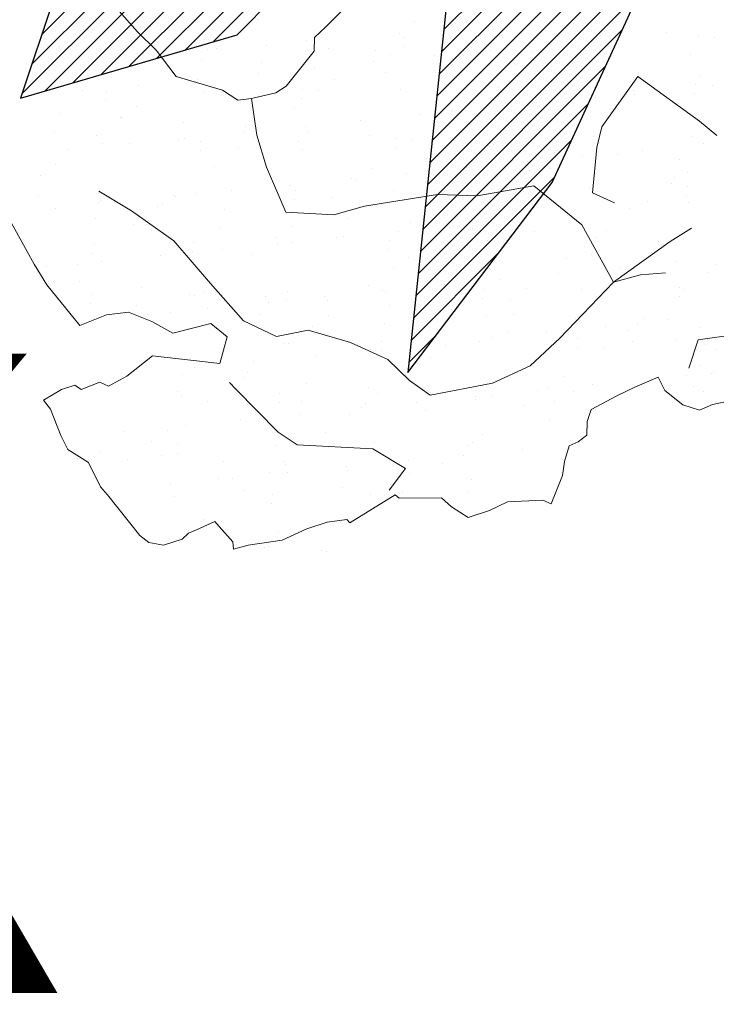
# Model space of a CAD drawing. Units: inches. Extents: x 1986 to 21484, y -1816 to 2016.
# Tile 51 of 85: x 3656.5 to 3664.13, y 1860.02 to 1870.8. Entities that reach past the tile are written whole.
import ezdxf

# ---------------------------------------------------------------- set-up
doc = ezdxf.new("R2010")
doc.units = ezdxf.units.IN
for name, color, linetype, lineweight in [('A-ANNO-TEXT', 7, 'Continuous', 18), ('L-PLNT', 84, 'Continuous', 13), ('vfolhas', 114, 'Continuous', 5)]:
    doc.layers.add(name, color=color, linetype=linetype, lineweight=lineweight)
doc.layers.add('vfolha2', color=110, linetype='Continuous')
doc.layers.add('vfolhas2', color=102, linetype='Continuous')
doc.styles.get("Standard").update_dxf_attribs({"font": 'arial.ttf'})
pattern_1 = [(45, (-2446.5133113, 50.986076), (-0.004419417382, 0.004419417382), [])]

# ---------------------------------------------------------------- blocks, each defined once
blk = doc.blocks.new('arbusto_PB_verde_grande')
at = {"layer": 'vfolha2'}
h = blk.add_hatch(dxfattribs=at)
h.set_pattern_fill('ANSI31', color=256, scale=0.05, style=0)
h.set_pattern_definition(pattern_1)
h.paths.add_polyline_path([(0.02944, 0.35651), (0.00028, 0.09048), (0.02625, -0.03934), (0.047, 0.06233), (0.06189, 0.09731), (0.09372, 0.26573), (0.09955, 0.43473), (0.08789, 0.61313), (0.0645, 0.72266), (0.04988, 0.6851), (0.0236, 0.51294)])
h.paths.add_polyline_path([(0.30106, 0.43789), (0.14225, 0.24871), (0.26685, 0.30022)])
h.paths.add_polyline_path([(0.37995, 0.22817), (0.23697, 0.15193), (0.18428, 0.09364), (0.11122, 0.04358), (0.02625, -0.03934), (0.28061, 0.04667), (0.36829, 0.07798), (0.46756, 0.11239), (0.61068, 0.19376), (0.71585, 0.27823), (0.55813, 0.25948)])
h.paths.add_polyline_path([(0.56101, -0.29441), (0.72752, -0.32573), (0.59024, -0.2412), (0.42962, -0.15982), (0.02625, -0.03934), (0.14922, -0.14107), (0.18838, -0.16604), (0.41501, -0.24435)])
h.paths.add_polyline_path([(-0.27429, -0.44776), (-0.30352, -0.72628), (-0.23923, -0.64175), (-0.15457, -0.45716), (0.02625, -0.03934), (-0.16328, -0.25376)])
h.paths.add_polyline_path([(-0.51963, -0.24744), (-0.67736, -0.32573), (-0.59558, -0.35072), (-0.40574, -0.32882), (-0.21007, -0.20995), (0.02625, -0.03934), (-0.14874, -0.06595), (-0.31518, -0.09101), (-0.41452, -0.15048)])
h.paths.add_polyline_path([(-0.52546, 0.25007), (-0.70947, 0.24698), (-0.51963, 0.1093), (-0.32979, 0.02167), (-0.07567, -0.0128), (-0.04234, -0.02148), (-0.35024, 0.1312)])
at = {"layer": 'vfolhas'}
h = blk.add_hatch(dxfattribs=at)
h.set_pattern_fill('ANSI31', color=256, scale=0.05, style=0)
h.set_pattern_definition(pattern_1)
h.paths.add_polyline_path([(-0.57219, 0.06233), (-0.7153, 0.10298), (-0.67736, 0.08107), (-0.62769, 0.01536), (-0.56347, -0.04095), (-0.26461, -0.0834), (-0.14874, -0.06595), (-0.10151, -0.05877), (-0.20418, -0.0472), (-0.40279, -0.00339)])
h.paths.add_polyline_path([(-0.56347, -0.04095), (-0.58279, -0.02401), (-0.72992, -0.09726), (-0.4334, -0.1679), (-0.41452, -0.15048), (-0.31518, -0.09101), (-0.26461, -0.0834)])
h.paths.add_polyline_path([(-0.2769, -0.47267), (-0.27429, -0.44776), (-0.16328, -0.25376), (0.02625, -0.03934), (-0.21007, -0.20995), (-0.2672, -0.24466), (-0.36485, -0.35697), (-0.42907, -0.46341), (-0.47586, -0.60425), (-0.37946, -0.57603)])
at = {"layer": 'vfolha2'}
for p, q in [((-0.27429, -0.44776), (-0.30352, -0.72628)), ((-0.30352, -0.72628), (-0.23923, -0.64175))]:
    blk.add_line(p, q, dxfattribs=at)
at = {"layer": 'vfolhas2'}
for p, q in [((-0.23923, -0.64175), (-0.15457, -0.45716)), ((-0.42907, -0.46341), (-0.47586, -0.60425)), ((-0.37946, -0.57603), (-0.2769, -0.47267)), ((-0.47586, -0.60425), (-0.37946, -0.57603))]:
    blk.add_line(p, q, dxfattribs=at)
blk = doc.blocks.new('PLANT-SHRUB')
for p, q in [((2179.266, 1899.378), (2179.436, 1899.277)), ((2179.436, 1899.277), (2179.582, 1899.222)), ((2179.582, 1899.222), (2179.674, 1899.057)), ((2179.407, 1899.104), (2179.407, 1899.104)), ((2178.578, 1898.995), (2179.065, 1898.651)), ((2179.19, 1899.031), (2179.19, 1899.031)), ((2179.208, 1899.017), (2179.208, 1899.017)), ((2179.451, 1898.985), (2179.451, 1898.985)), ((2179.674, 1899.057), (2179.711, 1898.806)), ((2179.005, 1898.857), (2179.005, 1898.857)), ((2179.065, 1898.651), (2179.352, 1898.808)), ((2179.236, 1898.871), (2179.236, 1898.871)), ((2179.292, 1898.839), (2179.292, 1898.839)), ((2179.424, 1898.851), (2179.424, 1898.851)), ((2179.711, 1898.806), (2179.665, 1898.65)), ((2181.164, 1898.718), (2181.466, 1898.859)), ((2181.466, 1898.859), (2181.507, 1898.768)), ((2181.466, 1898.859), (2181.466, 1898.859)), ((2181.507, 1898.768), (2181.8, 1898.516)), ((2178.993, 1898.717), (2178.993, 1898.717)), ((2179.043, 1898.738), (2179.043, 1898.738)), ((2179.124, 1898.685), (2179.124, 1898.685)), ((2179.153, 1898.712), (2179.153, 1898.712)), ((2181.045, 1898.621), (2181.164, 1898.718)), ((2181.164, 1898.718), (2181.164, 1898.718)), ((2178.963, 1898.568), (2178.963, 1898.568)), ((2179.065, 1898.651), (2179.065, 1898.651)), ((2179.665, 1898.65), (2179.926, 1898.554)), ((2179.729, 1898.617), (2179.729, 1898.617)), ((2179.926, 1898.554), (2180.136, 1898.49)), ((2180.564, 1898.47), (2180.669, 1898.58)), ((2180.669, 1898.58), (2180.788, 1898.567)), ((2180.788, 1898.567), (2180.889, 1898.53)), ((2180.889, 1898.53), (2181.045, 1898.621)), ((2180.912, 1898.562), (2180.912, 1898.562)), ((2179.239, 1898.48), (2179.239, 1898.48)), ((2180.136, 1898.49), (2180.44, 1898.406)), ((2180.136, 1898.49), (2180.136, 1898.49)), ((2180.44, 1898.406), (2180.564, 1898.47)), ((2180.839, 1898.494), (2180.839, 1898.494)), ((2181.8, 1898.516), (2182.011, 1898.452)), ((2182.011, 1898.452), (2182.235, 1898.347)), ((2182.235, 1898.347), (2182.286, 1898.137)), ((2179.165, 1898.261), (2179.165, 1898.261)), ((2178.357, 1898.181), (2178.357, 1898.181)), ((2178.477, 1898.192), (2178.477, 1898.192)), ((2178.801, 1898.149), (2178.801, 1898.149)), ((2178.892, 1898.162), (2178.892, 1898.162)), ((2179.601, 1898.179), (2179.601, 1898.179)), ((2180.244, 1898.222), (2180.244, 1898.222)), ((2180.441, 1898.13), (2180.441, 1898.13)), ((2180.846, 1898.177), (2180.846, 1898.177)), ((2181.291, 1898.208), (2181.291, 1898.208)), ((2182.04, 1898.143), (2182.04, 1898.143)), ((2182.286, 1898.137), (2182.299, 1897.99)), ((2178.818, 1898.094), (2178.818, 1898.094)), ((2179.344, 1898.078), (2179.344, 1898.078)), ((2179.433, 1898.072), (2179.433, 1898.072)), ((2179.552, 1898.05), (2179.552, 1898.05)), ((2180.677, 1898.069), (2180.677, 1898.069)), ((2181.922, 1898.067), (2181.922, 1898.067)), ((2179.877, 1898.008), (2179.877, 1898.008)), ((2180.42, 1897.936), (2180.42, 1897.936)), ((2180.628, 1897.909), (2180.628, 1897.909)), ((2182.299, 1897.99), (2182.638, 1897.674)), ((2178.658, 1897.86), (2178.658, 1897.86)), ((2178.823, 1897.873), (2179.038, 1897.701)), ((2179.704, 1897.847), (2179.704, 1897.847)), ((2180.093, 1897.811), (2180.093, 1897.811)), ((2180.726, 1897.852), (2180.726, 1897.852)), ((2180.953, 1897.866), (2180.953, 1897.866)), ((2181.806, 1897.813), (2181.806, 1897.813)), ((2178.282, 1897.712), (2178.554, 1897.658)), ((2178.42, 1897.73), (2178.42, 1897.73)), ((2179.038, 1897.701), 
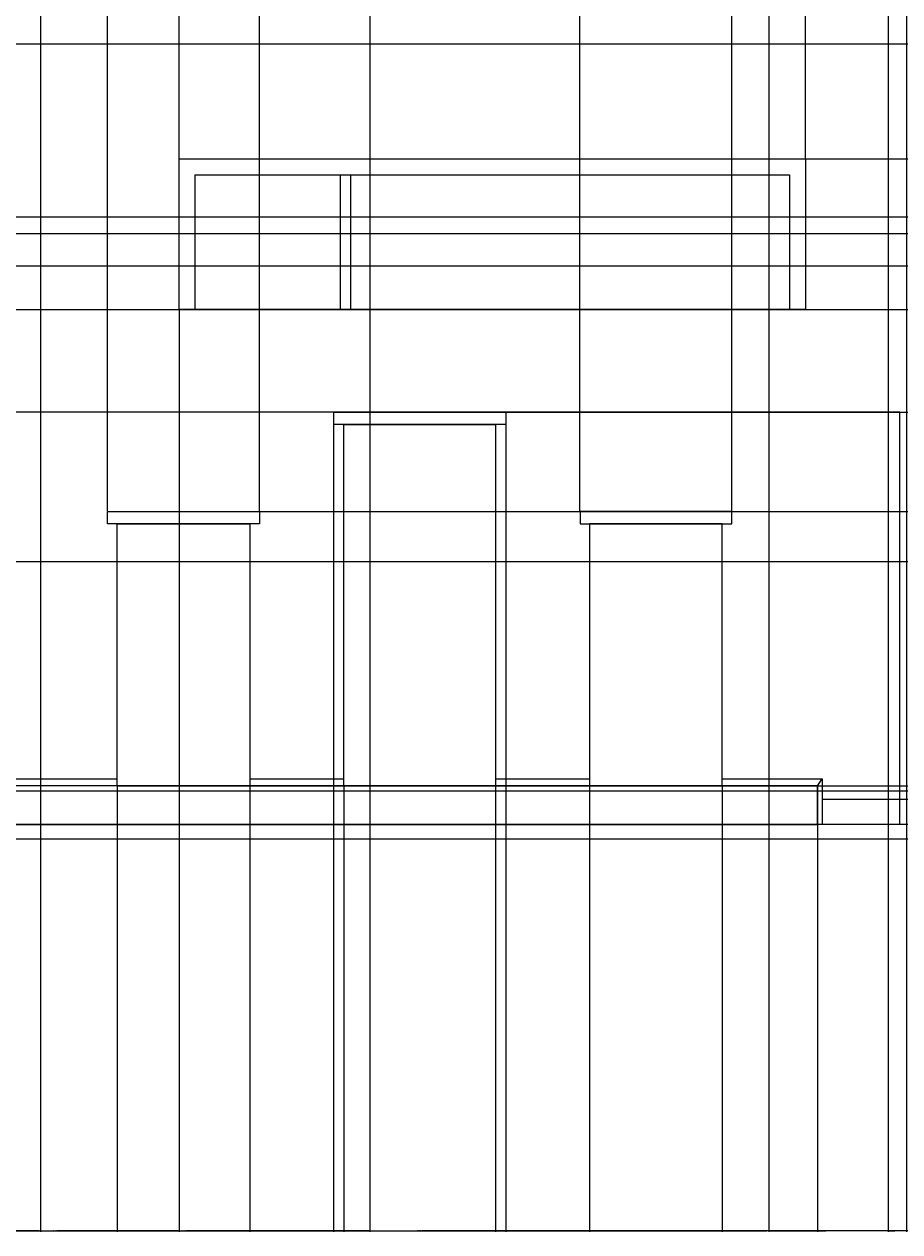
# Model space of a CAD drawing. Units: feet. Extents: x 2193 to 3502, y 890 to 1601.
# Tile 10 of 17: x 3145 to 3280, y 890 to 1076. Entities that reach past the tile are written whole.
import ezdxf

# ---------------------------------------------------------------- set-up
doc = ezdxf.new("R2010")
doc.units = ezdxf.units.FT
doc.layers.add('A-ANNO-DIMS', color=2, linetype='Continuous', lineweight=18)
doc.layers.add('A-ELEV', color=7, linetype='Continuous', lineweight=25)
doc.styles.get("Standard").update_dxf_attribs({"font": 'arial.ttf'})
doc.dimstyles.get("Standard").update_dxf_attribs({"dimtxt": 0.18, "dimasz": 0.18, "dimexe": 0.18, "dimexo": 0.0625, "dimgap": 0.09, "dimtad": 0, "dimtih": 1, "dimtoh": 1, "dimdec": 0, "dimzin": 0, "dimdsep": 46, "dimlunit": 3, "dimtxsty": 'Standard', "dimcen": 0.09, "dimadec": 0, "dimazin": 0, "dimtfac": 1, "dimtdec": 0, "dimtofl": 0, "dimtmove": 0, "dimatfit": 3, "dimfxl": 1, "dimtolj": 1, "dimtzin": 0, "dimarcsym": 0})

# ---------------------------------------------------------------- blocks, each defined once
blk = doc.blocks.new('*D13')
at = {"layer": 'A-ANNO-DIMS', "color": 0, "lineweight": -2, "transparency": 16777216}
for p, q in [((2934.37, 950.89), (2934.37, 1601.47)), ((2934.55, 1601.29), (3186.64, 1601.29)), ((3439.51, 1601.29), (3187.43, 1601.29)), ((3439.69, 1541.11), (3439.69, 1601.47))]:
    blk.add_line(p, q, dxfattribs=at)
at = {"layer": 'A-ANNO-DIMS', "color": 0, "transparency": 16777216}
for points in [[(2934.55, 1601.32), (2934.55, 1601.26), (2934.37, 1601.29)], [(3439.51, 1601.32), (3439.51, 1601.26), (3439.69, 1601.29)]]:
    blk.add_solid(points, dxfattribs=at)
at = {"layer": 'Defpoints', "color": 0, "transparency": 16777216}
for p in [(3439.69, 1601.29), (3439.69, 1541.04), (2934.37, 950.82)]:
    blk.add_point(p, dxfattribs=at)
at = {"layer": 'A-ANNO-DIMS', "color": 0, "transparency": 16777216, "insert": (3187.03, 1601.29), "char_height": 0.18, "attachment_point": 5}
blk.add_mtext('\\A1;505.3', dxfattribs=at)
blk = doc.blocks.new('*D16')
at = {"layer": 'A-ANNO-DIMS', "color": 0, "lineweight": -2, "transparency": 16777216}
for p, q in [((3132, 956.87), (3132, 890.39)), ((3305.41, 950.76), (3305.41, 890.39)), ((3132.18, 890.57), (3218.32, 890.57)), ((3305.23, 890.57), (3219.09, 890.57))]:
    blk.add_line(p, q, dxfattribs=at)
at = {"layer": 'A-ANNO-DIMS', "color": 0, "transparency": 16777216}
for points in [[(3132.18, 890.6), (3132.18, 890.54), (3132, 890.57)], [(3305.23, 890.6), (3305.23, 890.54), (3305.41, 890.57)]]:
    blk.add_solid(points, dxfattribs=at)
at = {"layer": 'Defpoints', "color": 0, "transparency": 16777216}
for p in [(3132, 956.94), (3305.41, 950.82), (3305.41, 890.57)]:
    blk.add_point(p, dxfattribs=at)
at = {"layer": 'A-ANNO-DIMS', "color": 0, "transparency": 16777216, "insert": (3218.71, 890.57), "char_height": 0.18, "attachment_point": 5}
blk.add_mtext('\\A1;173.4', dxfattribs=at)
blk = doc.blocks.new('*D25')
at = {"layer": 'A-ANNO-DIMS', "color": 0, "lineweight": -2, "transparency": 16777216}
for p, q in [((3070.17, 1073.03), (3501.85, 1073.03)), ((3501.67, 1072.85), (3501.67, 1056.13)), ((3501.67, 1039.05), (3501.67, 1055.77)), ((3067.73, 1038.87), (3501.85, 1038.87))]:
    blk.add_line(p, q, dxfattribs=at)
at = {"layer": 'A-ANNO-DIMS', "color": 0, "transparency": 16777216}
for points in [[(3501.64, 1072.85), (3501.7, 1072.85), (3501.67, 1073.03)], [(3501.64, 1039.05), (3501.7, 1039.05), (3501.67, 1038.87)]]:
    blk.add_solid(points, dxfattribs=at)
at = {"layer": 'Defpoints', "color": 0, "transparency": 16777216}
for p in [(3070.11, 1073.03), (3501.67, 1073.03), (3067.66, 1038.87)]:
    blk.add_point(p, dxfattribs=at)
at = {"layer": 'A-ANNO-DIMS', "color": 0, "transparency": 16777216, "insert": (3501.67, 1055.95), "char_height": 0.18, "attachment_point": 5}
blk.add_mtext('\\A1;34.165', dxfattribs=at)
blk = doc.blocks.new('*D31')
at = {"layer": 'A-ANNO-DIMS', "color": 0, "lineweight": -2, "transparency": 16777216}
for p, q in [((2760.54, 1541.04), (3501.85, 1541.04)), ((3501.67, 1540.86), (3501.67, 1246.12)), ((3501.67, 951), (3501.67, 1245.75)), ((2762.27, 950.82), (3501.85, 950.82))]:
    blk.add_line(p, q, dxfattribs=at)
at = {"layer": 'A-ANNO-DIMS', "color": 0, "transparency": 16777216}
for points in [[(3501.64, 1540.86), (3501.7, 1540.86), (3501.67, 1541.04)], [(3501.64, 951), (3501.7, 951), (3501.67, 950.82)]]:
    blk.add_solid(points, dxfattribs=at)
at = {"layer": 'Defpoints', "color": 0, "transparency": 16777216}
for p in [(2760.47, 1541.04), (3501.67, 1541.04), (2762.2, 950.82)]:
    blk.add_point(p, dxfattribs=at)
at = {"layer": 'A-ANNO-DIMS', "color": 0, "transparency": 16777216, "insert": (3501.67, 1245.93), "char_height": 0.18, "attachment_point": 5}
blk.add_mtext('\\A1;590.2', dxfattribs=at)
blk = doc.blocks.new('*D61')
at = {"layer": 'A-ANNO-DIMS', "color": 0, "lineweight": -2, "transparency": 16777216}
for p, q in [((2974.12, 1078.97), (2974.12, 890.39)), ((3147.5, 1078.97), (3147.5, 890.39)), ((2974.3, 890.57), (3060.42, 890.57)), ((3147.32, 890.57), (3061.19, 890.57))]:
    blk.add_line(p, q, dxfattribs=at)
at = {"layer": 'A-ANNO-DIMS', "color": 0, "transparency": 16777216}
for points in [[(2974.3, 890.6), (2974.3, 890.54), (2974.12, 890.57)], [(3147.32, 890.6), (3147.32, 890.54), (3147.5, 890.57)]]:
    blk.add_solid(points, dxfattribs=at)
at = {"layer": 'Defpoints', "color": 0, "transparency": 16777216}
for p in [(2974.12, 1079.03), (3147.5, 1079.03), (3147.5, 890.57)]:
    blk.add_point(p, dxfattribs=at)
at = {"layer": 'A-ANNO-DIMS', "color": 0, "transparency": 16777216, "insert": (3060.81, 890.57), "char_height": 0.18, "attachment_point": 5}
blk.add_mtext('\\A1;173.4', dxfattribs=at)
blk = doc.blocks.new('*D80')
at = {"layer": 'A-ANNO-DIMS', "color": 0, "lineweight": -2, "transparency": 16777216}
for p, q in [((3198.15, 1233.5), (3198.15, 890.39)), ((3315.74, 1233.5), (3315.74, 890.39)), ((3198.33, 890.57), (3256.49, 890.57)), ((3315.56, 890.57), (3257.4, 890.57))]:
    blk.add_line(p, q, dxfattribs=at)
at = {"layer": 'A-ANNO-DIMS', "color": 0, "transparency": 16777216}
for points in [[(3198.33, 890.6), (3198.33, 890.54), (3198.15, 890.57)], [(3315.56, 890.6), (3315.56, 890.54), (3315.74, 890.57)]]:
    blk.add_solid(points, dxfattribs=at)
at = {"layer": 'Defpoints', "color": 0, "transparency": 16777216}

**What the task requires**
In the answer, repeat exactly the lines from the top of the entries above through the line with "doc.units = ezdxf.units.IN", and leave pictures out of it.

**The completed task**
# Model space of a CAD drawing. Units: inches. Extents: x 1986 to 21484, y -1816 to 2016.
# Tile 51 of 85: x 3656.5 to 3664.13, y 1860.02 to 1870.8. Entities that reach past the tile are written whole.
import ezdxf

# ---------------------------------------------------------------- set-up
doc = ezdxf.new("R2010")
doc.units = ezdxf.units.IN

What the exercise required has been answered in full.